Look in the material below for the line holding "from build123d import *". Set it down exactly, with each later line up to and including the line holding "Line((-99.75, 5.25), (-94.75, 5.25))".

═════ DATASET EXCERPTS

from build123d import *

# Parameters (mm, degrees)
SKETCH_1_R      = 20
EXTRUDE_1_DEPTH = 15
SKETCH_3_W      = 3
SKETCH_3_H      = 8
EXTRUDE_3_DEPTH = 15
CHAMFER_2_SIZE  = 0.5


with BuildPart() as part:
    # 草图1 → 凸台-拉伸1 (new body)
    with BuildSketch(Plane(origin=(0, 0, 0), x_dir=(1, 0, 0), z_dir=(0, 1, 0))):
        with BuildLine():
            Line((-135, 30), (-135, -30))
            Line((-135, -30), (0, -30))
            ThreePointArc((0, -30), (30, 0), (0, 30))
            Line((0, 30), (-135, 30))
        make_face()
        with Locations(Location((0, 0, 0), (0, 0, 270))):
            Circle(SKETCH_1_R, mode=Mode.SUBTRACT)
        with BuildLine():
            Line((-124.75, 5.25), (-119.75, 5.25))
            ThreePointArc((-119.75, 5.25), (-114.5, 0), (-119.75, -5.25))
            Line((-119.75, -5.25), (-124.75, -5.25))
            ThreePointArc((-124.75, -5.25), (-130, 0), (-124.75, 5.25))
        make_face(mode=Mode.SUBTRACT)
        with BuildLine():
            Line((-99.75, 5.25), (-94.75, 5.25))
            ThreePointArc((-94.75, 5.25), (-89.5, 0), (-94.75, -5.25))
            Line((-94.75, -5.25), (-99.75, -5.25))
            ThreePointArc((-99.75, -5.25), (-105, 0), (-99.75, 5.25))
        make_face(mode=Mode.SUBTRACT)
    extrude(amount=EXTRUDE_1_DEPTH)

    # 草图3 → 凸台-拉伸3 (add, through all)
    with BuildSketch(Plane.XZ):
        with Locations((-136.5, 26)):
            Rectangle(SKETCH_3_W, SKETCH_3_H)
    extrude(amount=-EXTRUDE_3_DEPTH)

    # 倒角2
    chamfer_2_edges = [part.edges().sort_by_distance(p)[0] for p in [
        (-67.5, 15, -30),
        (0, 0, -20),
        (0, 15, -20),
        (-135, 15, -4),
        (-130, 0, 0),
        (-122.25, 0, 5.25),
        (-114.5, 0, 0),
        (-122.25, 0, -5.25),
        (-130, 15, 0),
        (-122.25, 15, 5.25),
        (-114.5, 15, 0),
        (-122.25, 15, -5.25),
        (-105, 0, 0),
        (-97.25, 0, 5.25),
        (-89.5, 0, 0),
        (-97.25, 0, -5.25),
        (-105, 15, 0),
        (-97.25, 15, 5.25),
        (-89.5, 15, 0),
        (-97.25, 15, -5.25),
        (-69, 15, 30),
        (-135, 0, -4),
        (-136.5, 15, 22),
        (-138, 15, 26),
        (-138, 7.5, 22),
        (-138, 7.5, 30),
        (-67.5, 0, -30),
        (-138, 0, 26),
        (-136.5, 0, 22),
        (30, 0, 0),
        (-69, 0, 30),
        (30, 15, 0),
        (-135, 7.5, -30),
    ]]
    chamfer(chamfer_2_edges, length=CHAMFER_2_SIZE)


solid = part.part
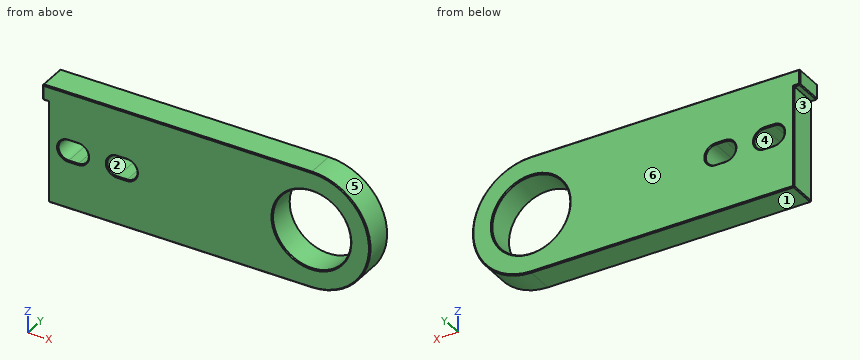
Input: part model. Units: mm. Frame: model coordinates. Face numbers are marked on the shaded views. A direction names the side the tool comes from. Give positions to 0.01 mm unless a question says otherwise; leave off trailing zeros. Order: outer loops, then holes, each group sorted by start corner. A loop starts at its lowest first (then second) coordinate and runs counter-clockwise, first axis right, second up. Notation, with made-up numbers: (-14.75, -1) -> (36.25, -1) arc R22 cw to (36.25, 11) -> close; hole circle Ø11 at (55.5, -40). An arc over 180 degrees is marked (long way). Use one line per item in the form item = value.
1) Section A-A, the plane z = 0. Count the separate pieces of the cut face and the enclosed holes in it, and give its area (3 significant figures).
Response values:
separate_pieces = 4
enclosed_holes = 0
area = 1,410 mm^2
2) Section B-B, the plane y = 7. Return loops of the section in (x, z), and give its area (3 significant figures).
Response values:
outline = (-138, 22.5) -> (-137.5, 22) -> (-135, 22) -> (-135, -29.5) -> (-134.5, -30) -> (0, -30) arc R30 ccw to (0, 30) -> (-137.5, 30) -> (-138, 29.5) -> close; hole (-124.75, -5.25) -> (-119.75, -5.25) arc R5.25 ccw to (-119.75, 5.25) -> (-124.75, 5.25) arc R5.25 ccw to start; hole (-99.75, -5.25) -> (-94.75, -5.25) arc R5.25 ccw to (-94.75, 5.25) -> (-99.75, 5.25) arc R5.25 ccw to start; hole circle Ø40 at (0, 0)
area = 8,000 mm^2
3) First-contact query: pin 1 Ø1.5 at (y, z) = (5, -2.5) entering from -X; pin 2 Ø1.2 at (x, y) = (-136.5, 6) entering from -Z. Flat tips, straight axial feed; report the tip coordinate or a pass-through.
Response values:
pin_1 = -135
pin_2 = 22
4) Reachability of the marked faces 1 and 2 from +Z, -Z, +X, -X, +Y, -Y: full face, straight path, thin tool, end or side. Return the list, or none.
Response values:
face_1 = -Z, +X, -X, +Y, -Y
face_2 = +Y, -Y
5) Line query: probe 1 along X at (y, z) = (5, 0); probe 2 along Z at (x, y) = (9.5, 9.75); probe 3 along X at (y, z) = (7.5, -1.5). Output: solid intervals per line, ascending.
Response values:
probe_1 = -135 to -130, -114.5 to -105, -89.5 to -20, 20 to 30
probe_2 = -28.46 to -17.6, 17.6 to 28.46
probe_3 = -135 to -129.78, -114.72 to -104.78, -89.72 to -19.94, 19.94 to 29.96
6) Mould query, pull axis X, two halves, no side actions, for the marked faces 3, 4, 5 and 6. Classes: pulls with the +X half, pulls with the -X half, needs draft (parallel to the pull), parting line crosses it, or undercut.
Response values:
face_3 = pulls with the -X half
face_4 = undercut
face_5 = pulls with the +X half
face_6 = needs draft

══════════
═════ DATASET EXCERPTS

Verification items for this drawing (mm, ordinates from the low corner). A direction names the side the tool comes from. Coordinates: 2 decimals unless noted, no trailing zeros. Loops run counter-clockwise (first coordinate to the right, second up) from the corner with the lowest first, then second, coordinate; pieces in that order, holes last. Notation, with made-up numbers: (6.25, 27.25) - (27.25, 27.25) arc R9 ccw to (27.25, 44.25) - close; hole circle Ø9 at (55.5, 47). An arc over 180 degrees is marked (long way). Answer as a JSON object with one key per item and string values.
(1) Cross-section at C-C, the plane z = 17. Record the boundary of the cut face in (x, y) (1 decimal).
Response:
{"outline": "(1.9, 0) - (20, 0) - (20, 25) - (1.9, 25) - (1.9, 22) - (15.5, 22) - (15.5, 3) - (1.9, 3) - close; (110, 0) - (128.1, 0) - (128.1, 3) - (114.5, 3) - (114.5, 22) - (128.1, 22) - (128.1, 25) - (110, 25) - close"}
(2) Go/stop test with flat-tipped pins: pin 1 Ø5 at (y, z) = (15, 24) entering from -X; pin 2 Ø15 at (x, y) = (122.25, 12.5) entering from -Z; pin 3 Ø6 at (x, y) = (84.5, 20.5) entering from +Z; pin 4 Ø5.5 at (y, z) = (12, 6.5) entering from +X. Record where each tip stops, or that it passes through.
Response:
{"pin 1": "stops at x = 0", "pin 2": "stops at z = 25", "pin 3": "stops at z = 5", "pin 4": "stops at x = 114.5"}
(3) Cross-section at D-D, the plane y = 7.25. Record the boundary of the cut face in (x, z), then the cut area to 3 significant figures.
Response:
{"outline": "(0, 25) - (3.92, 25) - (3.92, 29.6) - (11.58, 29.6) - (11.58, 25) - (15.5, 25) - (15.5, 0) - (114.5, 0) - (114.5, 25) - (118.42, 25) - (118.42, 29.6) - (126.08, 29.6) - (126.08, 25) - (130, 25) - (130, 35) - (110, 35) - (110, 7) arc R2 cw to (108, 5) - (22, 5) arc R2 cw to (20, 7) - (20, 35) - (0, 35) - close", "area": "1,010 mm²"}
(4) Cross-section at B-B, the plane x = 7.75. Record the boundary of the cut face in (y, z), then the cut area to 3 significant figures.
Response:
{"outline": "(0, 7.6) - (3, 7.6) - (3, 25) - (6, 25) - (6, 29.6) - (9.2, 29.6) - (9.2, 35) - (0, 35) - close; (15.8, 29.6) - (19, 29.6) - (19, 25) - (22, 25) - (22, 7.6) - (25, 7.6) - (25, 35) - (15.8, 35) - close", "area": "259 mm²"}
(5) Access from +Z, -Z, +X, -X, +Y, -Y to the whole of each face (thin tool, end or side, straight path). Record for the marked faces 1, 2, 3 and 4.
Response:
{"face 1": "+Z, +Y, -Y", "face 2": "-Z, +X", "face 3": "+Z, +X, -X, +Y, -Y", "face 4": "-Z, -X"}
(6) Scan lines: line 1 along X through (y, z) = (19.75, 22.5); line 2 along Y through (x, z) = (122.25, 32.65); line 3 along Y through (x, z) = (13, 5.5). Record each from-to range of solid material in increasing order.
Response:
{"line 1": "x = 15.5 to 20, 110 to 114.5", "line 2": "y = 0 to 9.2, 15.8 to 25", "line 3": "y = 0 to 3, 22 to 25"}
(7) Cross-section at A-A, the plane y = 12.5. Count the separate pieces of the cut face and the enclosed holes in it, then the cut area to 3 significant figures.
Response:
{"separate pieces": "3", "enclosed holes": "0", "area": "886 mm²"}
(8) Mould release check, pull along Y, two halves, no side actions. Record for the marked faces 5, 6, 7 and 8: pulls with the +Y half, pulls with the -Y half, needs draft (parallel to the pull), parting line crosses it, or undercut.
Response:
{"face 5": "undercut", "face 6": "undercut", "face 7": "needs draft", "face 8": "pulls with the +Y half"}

══════════

## SOLUTION TO THIS TASK
from build123d import *

# Parameters (mm, degrees)
SKETCH_1_R      = 20
EXTRUDE_1_DEPTH = 15
SKETCH_3_W      = 3
SKETCH_3_H      = 8
EXTRUDE_3_DEPTH = 15
CHAMFER_2_SIZE  = 0.5


with BuildPart() as part:
    # 草图1 → 凸台-拉伸1 (new body)
    with BuildSketch(Plane(origin=(0, 0, 0), x_dir=(1, 0, 0), z_dir=(0, 1, 0))):
        with BuildLine():
            Line((-135, 30), (-135, -30))
            Line((-135, -30), (0, -30))
            ThreePointArc((0, -30), (30, 0), (0, 30))
            Line((0, 30), (-135, 30))
        make_face()
        with Locations(Location((0, 0, 0), (0, 0, 270))):
            Circle(SKETCH_1_R, mode=Mode.SUBTRACT)
        with BuildLine():
            Line((-124.75, 5.25), (-119.75, 5.25))
            ThreePointArc((-119.75, 5.25), (-114.5, 0), (-119.75, -5.25))
            Line((-119.75, -5.25), (-124.75, -5.25))
            ThreePointArc((-124.75, -5.25), (-130, 0), (-124.75, 5.25))
        make_face(mode=Mode.SUBTRACT)
        with BuildLine():
            Line((-99.75, 5.25), (-94.75, 5.25))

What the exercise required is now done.